**WHAT THIS TASK INVOLVES**
Only the lines that hold the word "fill" are wanted from this listing.

**DATASET EXTRACT**
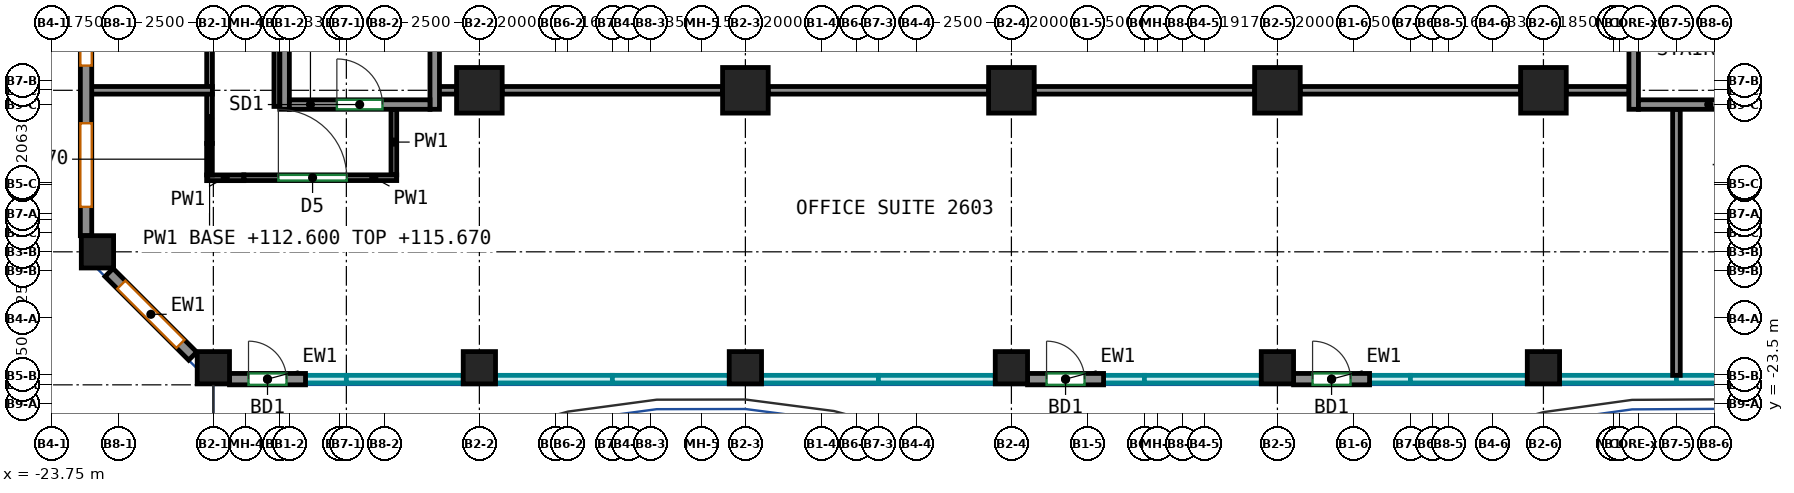
"""IFC4 building model, lengths in metres.
Left out: names, types, materials, properties, quantities, classifications, styles, units other than length and angle.
Written with IfcOpenShell. Run it as: python <this file> out.ifc"""

import sys

from ifc_helpers import new_model, si_unit, direction, frame, frame_2d, origin, origin_2d, place, context, subcontext, project, spatial, rectangle, extrude, source, transform, mapped, element, fill, save


model = new_model("IFC4")
c1 = context("Model", 3, precision=1e-05, world=origin(), true_north=direction((0.0, 1.0)))
c2 = subcontext(c1, "Body", "Model", "MODEL_VIEW")
j1 = project(units=[si_unit("LENGTHUNIT", "METRE"), si_unit("PLANEANGLEUNIT", "RADIAN")], contexts=[c1])
p1 = place(None, origin())
s1 = spatial("IfcSite", under=j1, at=p1, CompositionType="ELEMENT")
p2 = place(p1, origin())
s2 = spatial("IfcBuilding", under=s1, at=p2, CompositionType="ELEMENT")
p3 = place(p2, frame((0.0, 0.0, 112.6)))
s3 = spatial("IfcBuildingStorey", under=s2, at=p3, CompositionType="ELEMENT", Elevation=112.6)
m1 = source(origin(), c2, "Body", "SweptSolid", [
    extrude(rectangle(XDim=0.85, YDim=0.85, at=origin_2d()), origin(), (0.0, 0.0, 1.0), 3.72),
])
for number, where, z_axis, x_axis in (
    (1, (-22.55, -19.5, 0.0), (0.0, 0.0, 1.0), (1.0, 0.0, 0.0)),
    (2, (-19.5, -22.55, 0.0), (0.0, 0.0, 1.0), (1.0, 0.0, 0.0)),
    (3, (-12.5, -22.55, 0.0), (0.0, 0.0, 1.0), (1.0, 0.0, 0.0)),
):
    element("IfcColumn", number, at=place(p3, frame(where, z_axis=z_axis, x_axis=x_axis)), inside=s3, PredefinedType="COLUMN", context=c2, shape_type="MappedRepresentation", body=[
        mapped(m1, transform((0.0, 0.0, 0.0))),
    ])
m2 = source(origin(), c2, "Body", "SweptSolid", [
    extrude(rectangle(XDim=1.2, YDim=1.2, at=origin_2d()), origin(), (0.0, 0.0, 1.0), 3.72),
])
p4 = place(p3, frame((-12.5, -15.25, 0.0), z_axis=(0.0, 0.0, 1.0), x_axis=(1.0, 0.0, 0.0)))
e4 = element("IfcColumn", 4, at=p4, inside=s3, PredefinedType="COLUMN", context=c2, shape_type="MappedRepresentation", body=[
    mapped(m2, transform((0.0, 0.0, 0.0))),
])
p5 = place(p3, frame((-5.5, -22.55, 0.0), z_axis=(0.0, 0.0, 1.0), x_axis=(1.0, 0.0, 0.0)))
e5 = element("IfcColumn", 5, at=p5, inside=s3, PredefinedType="COLUMN", context=c2, shape_type="MappedRepresentation", body=[
    mapped(m1, transform((0.0, 0.0, 0.0))),
])
p6 = place(p3, frame((-5.5, -15.25, 0.0), z_axis=(0.0, 0.0, 1.0), x_axis=(1.0, 0.0, 0.0)))
e6 = element("IfcColumn", 6, at=p6, inside=s3, PredefinedType="COLUMN", context=c2, shape_type="MappedRepresentation", body=[
    mapped(m2, transform((0.0, 0.0, 0.0))),
])
p7 = place(p3, frame((1.5, -22.55, 0.0), z_axis=(0.0, 0.0, 1.0), x_axis=(1.0, 0.0, 0.0)))
e7 = element("IfcColumn", 7, at=p7, inside=s3, PredefinedType="COLUMN", context=c2, shape_type="MappedRepresentation", body=[
    mapped(m1, transform((0.0, 0.0, 0.0))),
])
p8 = place(p3, frame((1.5, -15.25, 0.0), z_axis=(0.0, 0.0, 1.0), x_axis=(1.0, 0.0, 0.0)))
e8 = element("IfcColumn", 8, at=p8, inside=s3, PredefinedType="COLUMN", context=c2, shape_type="MappedRepresentation", body=[
    mapped(m2, transform((0.0, 0.0, 0.0))),
])
p9 = place(p3, frame((8.5, -22.55, 0.0), z_axis=(0.0, 0.0, 1.0), x_axis=(1.0, 0.0, 0.0)))
e9 = element("IfcColumn", 9, at=p9, inside=s3, PredefinedType="COLUMN", context=c2, shape_type="MappedRepresentation", body=[
    mapped(m1, transform((0.0, 0.0, 0.0))),
])
p10 = place(p3, frame((8.5, -15.25, 0.0), z_axis=(0.0, 0.0, 1.0), x_axis=(1.0, 0.0, 0.0)))
e10 = element("IfcColumn", 10, at=p10, inside=s3, PredefinedType="COLUMN", context=c2, shape_type="MappedRepresentation", body=[
    mapped(m2, transform((0.0, 0.0, 0.0))),
])
p11 = place(p3, frame((15.5, -22.55, 0.0), z_axis=(0.0, 0.0, 1.0), x_axis=(1.0, 0.0, 0.0)))
e11 = element("IfcColumn", 11, at=p11, inside=s3, PredefinedType="COLUMN", context=c2, shape_type="MappedRepresentation", body=[
    mapped(m1, transform((0.0, 0.0, 0.0))),
])
p12 = place(p3, frame((15.5, -15.25, 0.0), z_axis=(0.0, 0.0, 1.0), x_axis=(1.0, 0.0, 0.0)))
e12 = element("IfcColumn", 12, at=p12, inside=s3, PredefinedType="COLUMN", context=c2, shape_type="MappedRepresentation", body=[
    mapped(m2, transform((0.0, 0.0, 0.0))),
])
m3 = source(origin(), c2, "Body", "SweptSolid", [
    extrude(rectangle(XDim=8.0, YDim=0.25, at=frame_2d((4.0, 0.0))), origin(), (0.0, 0.0, 1.0), 3.72),
])
for number, where, z_axis, x_axis in (
    (13, (-17.625, -15.75, 0.0), (0.0, 0.0, 1.0), (0.0, 1.0, 0.0)),
    (14, (-13.675, -15.75, 0.0), (0.0, 0.0, 1.0), (0.0, 1.0, 0.0)),
):
    element("IfcWall", number, at=place(p3, frame(where, z_axis=z_axis, x_axis=x_axis)), inside=s3, PredefinedType="SHEAR", context=c2, shape_type="MappedRepresentation", body=[
        mapped(m3, transform((0.0, 0.0, 0.0))),
    ])
m4 = source(origin(), c2, "Body", "SweptSolid", [
    extrude(rectangle(XDim=3.7, YDim=0.25, at=frame_2d((1.85, 0.0))), origin(), (0.0, 0.0, 1.0), 3.72),
])
p13 = place(p3, frame((-17.5, -15.625, 0.0), z_axis=(0.0, 0.0, 1.0), x_axis=(1.0, 0.0, 0.0)))
e15 = element("IfcWall", 15, at=p13, inside=s3, PredefinedType="SHEAR", context=c2, shape_type="MappedRepresentation", body=[
    mapped(m4, transform((0.0, 0.0, 0.0))),
])
p14 = place(p13, frame((1.25, 0.0, 0.0)))
e16 = element("IfcOpeningElement", 16, at=p14, cuts=e15, PredefinedType="OPENING", context=c2, shape_type="SweptSolid", body=[
    extrude(rectangle(XDim=1.2, YDim=2.1, at=frame_2d((0.6, 1.05))), frame((0.0, 0.135, 0.0), z_axis=(0.0, -1.0, 0.0), x_axis=(1.0, 0.0, 0.0)), (0.0, 0.0, 1.0), 0.27),
])
p15 = place(p3, frame((17.875, -15.75, 0.0), z_axis=(0.0, 0.0, 1.0), x_axis=(0.0, 1.0, 0.0)))
e17 = element("IfcWall", 17, at=p15, inside=s3, PredefinedType="SHEAR", context=c2, shape_type="MappedRepresentation", body=[
    mapped(m3, transform((0.0, 0.0, 0.0))),
])
p16 = place(p3, frame((18.0, -15.625, 0.0), z_axis=(0.0, 0.0, 1.0), x_axis=(1.0, 0.0, 0.0)))
e18 = element("IfcWall", 18, at=p16, inside=s3, PredefinedType="SHEAR", context=c2, shape_type="MappedRepresentation", body=[
    mapped(m4, transform((0.0, 0.0, 0.0))),
])
m5 = source(origin(), c2, "Body", "SweptSolid", [
    extrude(rectangle(XDim=2.0, YDim=0.3, at=frame_2d((1.0, 0.0))), origin(), (0.0, 0.0, 1.0), 3.72),
])
p17 = place(p3, frame((-19.075, -22.85, 0.0), z_axis=(0.0, 0.0, 1.0), x_axis=(1.0, 0.0, 0.0)))
e19 = element("IfcWall", 19, at=p17, inside=s3, PredefinedType="SOLIDWALL", context=c2, shape_type="MappedRepresentation", body=[
    mapped(m5, transform((0.0, 0.0, 0.0))),
])
p18 = place(p17, frame((0.5, 0.0, 0.0)))
e20 = element("IfcOpeningElement", 20, at=p18, cuts=e19, PredefinedType="OPENING", context=c2, shape_type="SweptSolid", body=[
    extrude(rectangle(XDim=1.0, YDim=2.1, at=frame_2d((0.5, 1.05))), frame((0.0, 0.16, 0.0), z_axis=(0.0, -1.0, 0.0), x_axis=(1.0, 0.0, 0.0)), (0.0, 0.0, 1.0), 0.32),
])
p19 = place(p3, frame((1.925, -22.85, 0.0), z_axis=(0.0, 0.0, 1.0), x_axis=(1.0, 0.0, 0.0)))
e21 = element("IfcWall", 21, at=p19, inside=s3, PredefinedType="SOLIDWALL", context=c2, shape_type="MappedRepresentation", body=[
    mapped(m5, transform((0.0, 0.0, 0.0))),
])
p20 = place(p19, frame((0.5, 0.0, 0.0)))
e22 = element("IfcOpeningElement", 22, at=p20, cuts=e21, PredefinedType="OPENING", context=c2, shape_type="SweptSolid", body=[
    extrude(rectangle(XDim=1.0, YDim=2.1, at=frame_2d((0.5, 1.05))), frame((0.0, 0.16, 0.0), z_axis=(0.0, -1.0, 0.0), x_axis=(1.0, 0.0, 0.0)), (0.0, 0.0, 1.0), 0.32),
])
p21 = place(p3, frame((8.925, -22.85, 0.0), z_axis=(0.0, 0.0, 1.0), x_axis=(1.0, 0.0, 0.0)))
e23 = element("IfcWall", 23, at=p21, inside=s3, PredefinedType="SOLIDWALL", context=c2, shape_type="MappedRepresentation", body=[
    mapped(m5, transform((0.0, 0.0, 0.0))),
])
p22 = place(p21, frame((0.5, 0.0, 0.0)))
e24 = element("IfcOpeningElement", 24, at=p22, cuts=e23, PredefinedType="OPENING", context=c2, shape_type="SweptSolid", body=[
    extrude(rectangle(XDim=1.0, YDim=2.1, at=frame_2d((0.5, 1.05))), frame((0.0, 0.16, 0.0), z_axis=(0.0, -1.0, 0.0), x_axis=(1.0, 0.0, 0.0)), (0.0, 0.0, 1.0), 0.32),
])
m6 = source(origin(), c2, "Body", "SweptSolid", [
    extrude(rectangle(XDim=11.15, YDim=0.3, at=frame_2d((5.575, 0.0))), origin(), (0.0, 0.0, 1.0), 3.72),
])
p23 = place(p3, frame((-22.85, -7.925, 0.0), z_axis=(0.0, 0.0, 1.0), x_axis=(0.0, -1.0, 0.0)))
e25 = element("IfcWall", 25, at=p23, inside=s3, PredefinedType="SOLIDWALL", context=c2, shape_type="MappedRepresentation", body=[
    mapped(m6, transform((0.0, 0.0, 0.0))),
])
p24 = place(p23, frame((0.758, 0.0, 0.7)))
e26 = element("IfcOpeningElement", 26, at=p24, cuts=e25, PredefinedType="OPENING", context=c2, shape_type="SweptSolid", body=[
    extrude(rectangle(XDim=2.2, YDim=2.25, at=frame_2d((1.1, 1.125))), frame((0.0, 0.16, 0.0), z_axis=(0.0, -1.0, 0.0), x_axis=(1.0, 0.0, 0.0)), (0.0, 0.0, 1.0), 0.32),
])
p25 = place(p23, frame((4.475, 0.0, 0.7)))
e27 = element("IfcOpeningElement", 27, at=p25, cuts=e25, PredefinedType="OPENING", context=c2, shape_type="SweptSolid", body=[
    extrude(rectangle(XDim=2.2, YDim=2.25, at=frame_2d((1.1, 1.125))), frame((0.0, 0.16, 0.0), z_axis=(0.0, -1.0, 0.0), x_axis=(1.0, 0.0, 0.0)), (0.0, 0.0, 1.0), 0.32),
])
p26 = place(p23, frame((8.192, 0.0, 0.7)))
e28 = element("IfcOpeningElement", 28, at=p26, cuts=e25, PredefinedType="OPENING", context=c2, shape_type="SweptSolid", body=[
    extrude(rectangle(XDim=2.2, YDim=2.25, at=frame_2d((1.1, 1.125))), frame((0.0, 0.16, 0.0), z_axis=(0.0, -1.0, 0.0), x_axis=(1.0, 0.0, 0.0)), (0.0, 0.0, 1.0), 0.32),
])
m7 = source(origin(), c2, "Body", "SweptSolid", [
    extrude(rectangle(XDim=3.111, YDim=0.3, at=frame_2d((1.556, 0.0))), origin(), (0.0, 0.0, 1.0), 3.72),
])
p27 = place(p3, frame((-22.244, -20.044, 0.0), z_axis=(0.0, 0.0, 1.0), x_axis=(0.707106781187, -0.707106781187, 0.0)))
e29 = element("IfcWall", 29, at=p27, inside=s3, PredefinedType="SOLIDWALL", context=c2, shape_type="MappedRepresentation", body=[
    mapped(m7, transform((0.0, 0.0, 0.0))),
])
p28 = place(p27, frame((0.456, 0.0, 0.7)))
e30 = element("IfcOpeningElement", 30, at=p28, cuts=e29, PredefinedType="OPENING", context=c2, shape_type="SweptSolid", body=[
    extrude(rectangle(XDim=2.2, YDim=2.25, at=frame_2d((1.1, 1.125))), frame((0.0, 0.16, 0.0), z_axis=(0.0, -1.0, 0.0), x_axis=(1.0, 0.0, 0.0)), (0.0, 0.0, 1.0), 0.32),
])
p29 = place(p3, frame((-19.6, -15.16, 0.0), z_axis=(0.0, 0.0, 1.0), x_axis=(0.0, 1.0, 0.0)))
e31 = element("IfcWall", 31, at=p29, inside=s3, PredefinedType="PARTITIONING", context=c2, shape_type="SweptSolid", body=[
    extrude(rectangle(XDim=19.51, YDim=0.15, at=frame_2d((9.755, 0.0))), origin(), (0.0, 0.0, 1.0), 3.07),
])
p30 = place(p29, frame((2.801, 0.0, 0.0)))
e32 = element("IfcOpeningElement", 32, at=p30, cuts=e31, PredefinedType="OPENING", context=c2, shape_type="SweptSolid", body=[
    extrude(rectangle(XDim=1.0, YDim=2.1, at=frame_2d((0.5, 1.05))), frame((0.0, 0.085, 0.0), z_axis=(0.0, -1.0, 0.0), x_axis=(1.0, 0.0, 0.0)), (0.0, 0.0, 1.0), 0.17),
])
p31 = place(p3, frame((-17.83, -15.675, 0.0), z_axis=(0.0, 0.0, 1.0), x_axis=(0.0, 1.0, 0.0)))
e33 = element("IfcWall", 33, at=p31, inside=s3, PredefinedType="PARTITIONING", context=c2, shape_type="SweptSolid", body=[
    extrude(rectangle(XDim=11.96, YDim=0.15, at=frame_2d((5.98, 0.0))), origin(), (0.0, 0.0, 1.0), 3.72),
])
p32 = place(p31, frame((8.249, 0.0, 0.0)))
e34 = element("IfcOpeningElement", 34, at=p32, cuts=e33, PredefinedType="OPENING", context=c2, shape_type="SweptSolid", body=[
    extrude(rectangle(XDim=1.8, YDim=2.1, at=frame_2d((0.9, 1.05))), frame((0.0, 0.085, 0.0), z_axis=(0.0, -1.0, 0.0), x_axis=(1.0, 0.0, 0.0)), (0.0, 0.0, 1.0), 0.17),
])
p33 = place(p3, frame((-19.6, -16.648, 0.0), z_axis=(0.0, 0.0, 1.0), x_axis=(0.0, 1.0, 0.0)))
e35 = element("IfcWall", 35, at=p33, inside=s3, PredefinedType="PARTITIONING", context=c2, shape_type="SweptSolid", body=[
    extrude(rectangle(XDim=1.308, YDim=0.15, at=frame_2d((0.654, 0.0))), origin(), (0.0, 0.0, 1.0), 3.07),
])
p34 = place(p3, frame((-14.75, -17.475, 0.0), z_axis=(0.0, 0.0, 1.0), x_axis=(0.0, 1.0, 0.0)))
e36 = element("IfcWall", 36, at=p34, inside=s3, PredefinedType="PARTITIONING", context=c2, shape_type="SweptSolid", body=[
    extrude(rectangle(XDim=1.725, YDim=0.15, at=frame_2d((0.863, 0.0))), origin(), (0.0, 0.0, 1.0), 3.72),
])
p35 = place(p3, frame((-18.698, -17.55, 0.0), z_axis=(0.0, 0.0, 1.0), x_axis=(1.0, 0.0, 0.0)))
e37 = element("IfcWall", 37, at=p35, inside=s3, PredefinedType="PARTITIONING", context=c2, shape_type="SweptSolid", body=[
    extrude(rectangle(XDim=4.023, YDim=0.15, at=frame_2d((2.011, 0.0))), origin(), (0.0, 0.0, 1.0), 3.72),
])
p36 = place(p35, frame((0.909, 0.0, 0.0)))
e38 = element("IfcOpeningElement", 38, at=p36, cuts=e37, PredefinedType="OPENING", context=c2, shape_type="SweptSolid", body=[
    extrude(rectangle(XDim=1.8, YDim=2.1, at=frame_2d((0.9, 1.05))), frame((0.0, 0.085, 0.0), z_axis=(0.0, -1.0, 0.0), x_axis=(1.0, 0.0, 0.0)), (0.0, 0.0, 1.0), 0.17),
])
p37 = place(p3, frame((-19.677, -17.552, 0.0), z_axis=(0.0, 0.0, 1.0), x_axis=(1.0, 0.0, 0.0)))
e39 = element("IfcWall", 39, at=p37, inside=s3, PredefinedType="PARTITIONING", context=c2, shape_type="SweptSolid", body=[
    extrude(rectangle(XDim=0.979, YDim=0.15, at=frame_2d((0.49, 0.0))), origin(), (0.0, 0.0, 1.0), 3.72),
])
p38 = place(p3, frame((-19.602, -16.648, 0.0), z_axis=(0.0, 0.0, 1.0), x_axis=(0.0, -1.0, 0.0)))
e40 = element("IfcWall", 40, at=p38, inside=s3, PredefinedType="PARTITIONING", context=c2, shape_type="SweptSolid", body=[
    extrude(rectangle(XDim=0.829, YDim=0.15, at=frame_2d((0.415, 0.0))), origin(), (0.0, 0.0, 1.0), 3.07),
])
p39 = place(p3, frame((-22.75, -15.25, 0.0), z_axis=(0.0, 0.0, 1.0), x_axis=(1.0, 0.0, 0.0)))
e41 = element("IfcWall", 41, at=p39, inside=s3, PredefinedType="PARTITIONING", context=c2, shape_type="SweptSolid", body=[
    extrude(rectangle(XDim=3.224, YDim=0.2, at=frame_2d((1.612, 0.0))), origin(), (0.0, 0.0, 1.0), 3.72),
])
p40 = place(p3, frame((16.1, -15.25, 0.0), z_axis=(0.0, 0.0, 1.0), x_axis=(1.0, 0.0, 0.0)))
e42 = element("IfcWall", 42, at=p40, inside=s3, PredefinedType="PARTITIONING", context=c2, shape_type="SweptSolid", body=[
    extrude(rectangle(XDim=1.65, YDim=0.2, at=frame_2d((0.825, 0.0))), origin(), (0.0, 0.0, 1.0), 3.72),
])
for number, where, z_axis, x_axis in (
    (43, (9.1, -15.25, 0.0), (0.0, 0.0, 1.0), (1.0, 0.0, 0.0)),
    (44, (2.1, -15.25, 0.0), (0.0, 0.0, 1.0), (1.0, 0.0, 0.0)),
    (45, (-4.9, -15.25, 0.0), (0.0, 0.0, 1.0), (1.0, 0.0, 0.0)),
    (46, (-11.9, -15.25, 0.0), (0.0, 0.0, 1.0), (1.0, 0.0, 0.0)),
):
    element("IfcWall", number, at=place(p3, frame(where, z_axis=z_axis, x_axis=x_axis)), inside=s3, PredefinedType="PARTITIONING", context=c2, shape_type="SweptSolid", body=[
        extrude(rectangle(XDim=5.8, YDim=0.2, at=frame_2d((2.9, 0.0))), origin(), (0.0, 0.0, 1.0), 3.72),
    ])
p41 = place(p3, frame((-13.6, -15.25, 0.0), z_axis=(0.0, 0.0, 1.0), x_axis=(1.0, 0.0, 0.0)))
e47 = element("IfcWall", 47, at=p41, inside=s3, PredefinedType="PARTITIONING", context=c2, shape_type="SweptSolid", body=[
    extrude(rectangle(XDim=0.5, YDim=0.2, at=frame_2d((0.25, 0.0))), origin(), (0.0, 0.0, 1.0), 3.72),
])
p42 = place(p3, frame((19.0, -22.75, 0.0), z_axis=(0.0, 0.0, 1.0), x_axis=(0.0, 1.0, 0.0)))
e48 = element("IfcWall", 48, at=p42, inside=s3, PredefinedType="PARTITIONING", context=c2, shape_type="SweptSolid", body=[
    extrude(rectangle(XDim=7.0, YDim=0.2, at=frame_2d((3.5, 0.0))), origin(), (0.0, 0.0, 1.0), 3.72),
])
p43 = place(p18, origin())
e49 = element("IfcDoor", 49, at=p43, inside=s3, OperationType="SINGLE_SWING_LEFT", PredefinedType="DOOR", context=c2, shape_type="SweptSolid", body=[
    extrude(rectangle(XDim=1.0, YDim=2.1, at=frame_2d((0.5, 1.05))), frame((0.0, 0.025, 0.0), z_axis=(0.0, -1.0, 0.0), x_axis=(1.0, 0.0, 0.0)), (0.0, 0.0, 1.0), 0.05),
])
fill(e20, e49)
p44 = place(p20, origin())
e50 = element("IfcDoor", 50, at=p44, inside=s3, OperationType="SINGLE_SWING_LEFT", PredefinedType="DOOR", context=c2, shape_type="SweptSolid", body=[
    extrude(rectangle(XDim=1.0, YDim=2.1, at=frame_2d((0.5, 1.05))), frame((0.0, 0.025, 0.0), z_axis=(0.0, -1.0, 0.0), x_axis=(1.0, 0.0, 0.0)), (0.0, 0.0, 1.0), 0.05),
])
fill(e22, e50)
p45 = place(p22, origin())
e51 = element("IfcDoor", 51, at=p45, inside=s3, OperationType="SINGLE_SWING_LEFT", PredefinedType="DOOR", context=c2, shape_type="SweptSolid", body=[
    extrude(rectangle(XDim=1.0, YDim=2.1, at=frame_2d((0.5, 1.05))), frame((0.0, 0.025, 0.0), z_axis=(0.0, -1.0, 0.0), x_axis=(1.0, 0.0, 0.0)), (0.0, 0.0, 1.0), 0.05),
])
fill(e24, e51)
p46 = place(p25, origin())
e52 = element("IfcWindow", 52, at=p46, inside=s3, PartitioningType="SINGLE_PANEL", PredefinedType="WINDOW", context=c2, shape_type="SweptSolid", body=[
    extrude(rectangle(XDim=2.2, YDim=2.25, at=frame_2d((1.1, 1.125))), frame((0.0, 0.03, 0.0), z_axis=(0.0, -1.0, 0.0), x_axis=(1.0, 0.0, 0.0)), (0.0, 0.0, 1.0), 0.06),
])
fill(e27, e52)
p47 = place(p26, origin())
e53 = element("IfcWindow", 53, at=p47, inside=s3, PartitioningType="SINGLE_PANEL", PredefinedType="WINDOW", context=c2, shape_type="SweptSolid", body=[
    extrude(rectangle(XDim=2.2, YDim=2.25, at=frame_2d((1.1, 1.125))), frame((0.0, 0.03, 0.0), z_axis=(0.0, -1.0, 0.0), x_axis=(1.0, 0.0, 0.0)), (0.0, 0.0, 1.0), 0.06),
])
fill(e28, e53)
p48 = place(p28, origin())
e54 = element("IfcWindow", 54, at=p48, inside=s3, PartitioningType="SINGLE_PANEL", PredefinedType="WINDOW", context=c2, shape_type="SweptSolid", body=[
    extrude(rectangle(XDim=2.2, YDim=2.25, at=frame_2d((1.1, 1.125))), frame((0.0, 0.03, 0.0), z_axis=(0.0, -1.0, 0.0), x_axis=(1.0, 0.0, 0.0)), (0.0, 0.0, 1.0), 0.06),
])
fill(e30, e54)
p49 = place(p14, origin())
e55 = element("IfcDoor", 55, at=p49, inside=s3, OperationType="DOUBLE_DOOR_SINGLE_SWING", PredefinedType="DOOR", context=c2, shape_type="SweptSolid", body=[
    extrude(rectangle(XDim=1.2, YDim=2.1, at=frame_2d((0.6, 1.05))), frame((0.0, 0.025, 0.0), z_axis=(0.0, -1.0, 0.0), x_axis=(1.0, 0.0, 0.0)), (0.0, 0.0, 1.0), 0.05),
])
fill(e16, e55)
p50 = place(p36, origin())
e56 = element("IfcDoor", 56, at=p50, inside=s3, OperationType="DOUBLE_DOOR_SINGLE_SWING", PredefinedType="DOOR", context=c2, shape_type="SweptSolid", body=[
    extrude(rectangle(XDim=1.8, YDim=2.1, at=frame_2d((0.9, 1.05))), frame((0.0, 0.025, 0.0), z_axis=(0.0, -1.0, 0.0), x_axis=(1.0, 0.0, 0.0)), (0.0, 0.0, 1.0), 0.05),
])
fill(e38, e56)
save(model, sys.argv[1])

**RESULT OF THIS TASK**
from ifc_helpers import new_model, si_unit, direction, frame, frame_2d, origin, origin_2d, place, context, subcontext, project, spatial, rectangle, extrude, source, transform, mapped, element, fill, save
fill(e20, e49)
fill(e22, e50)
fill(e24, e51)
fill(e27, e52)
fill(e28, e53)
fill(e30, e54)
fill(e16, e55)
fill(e38, e56)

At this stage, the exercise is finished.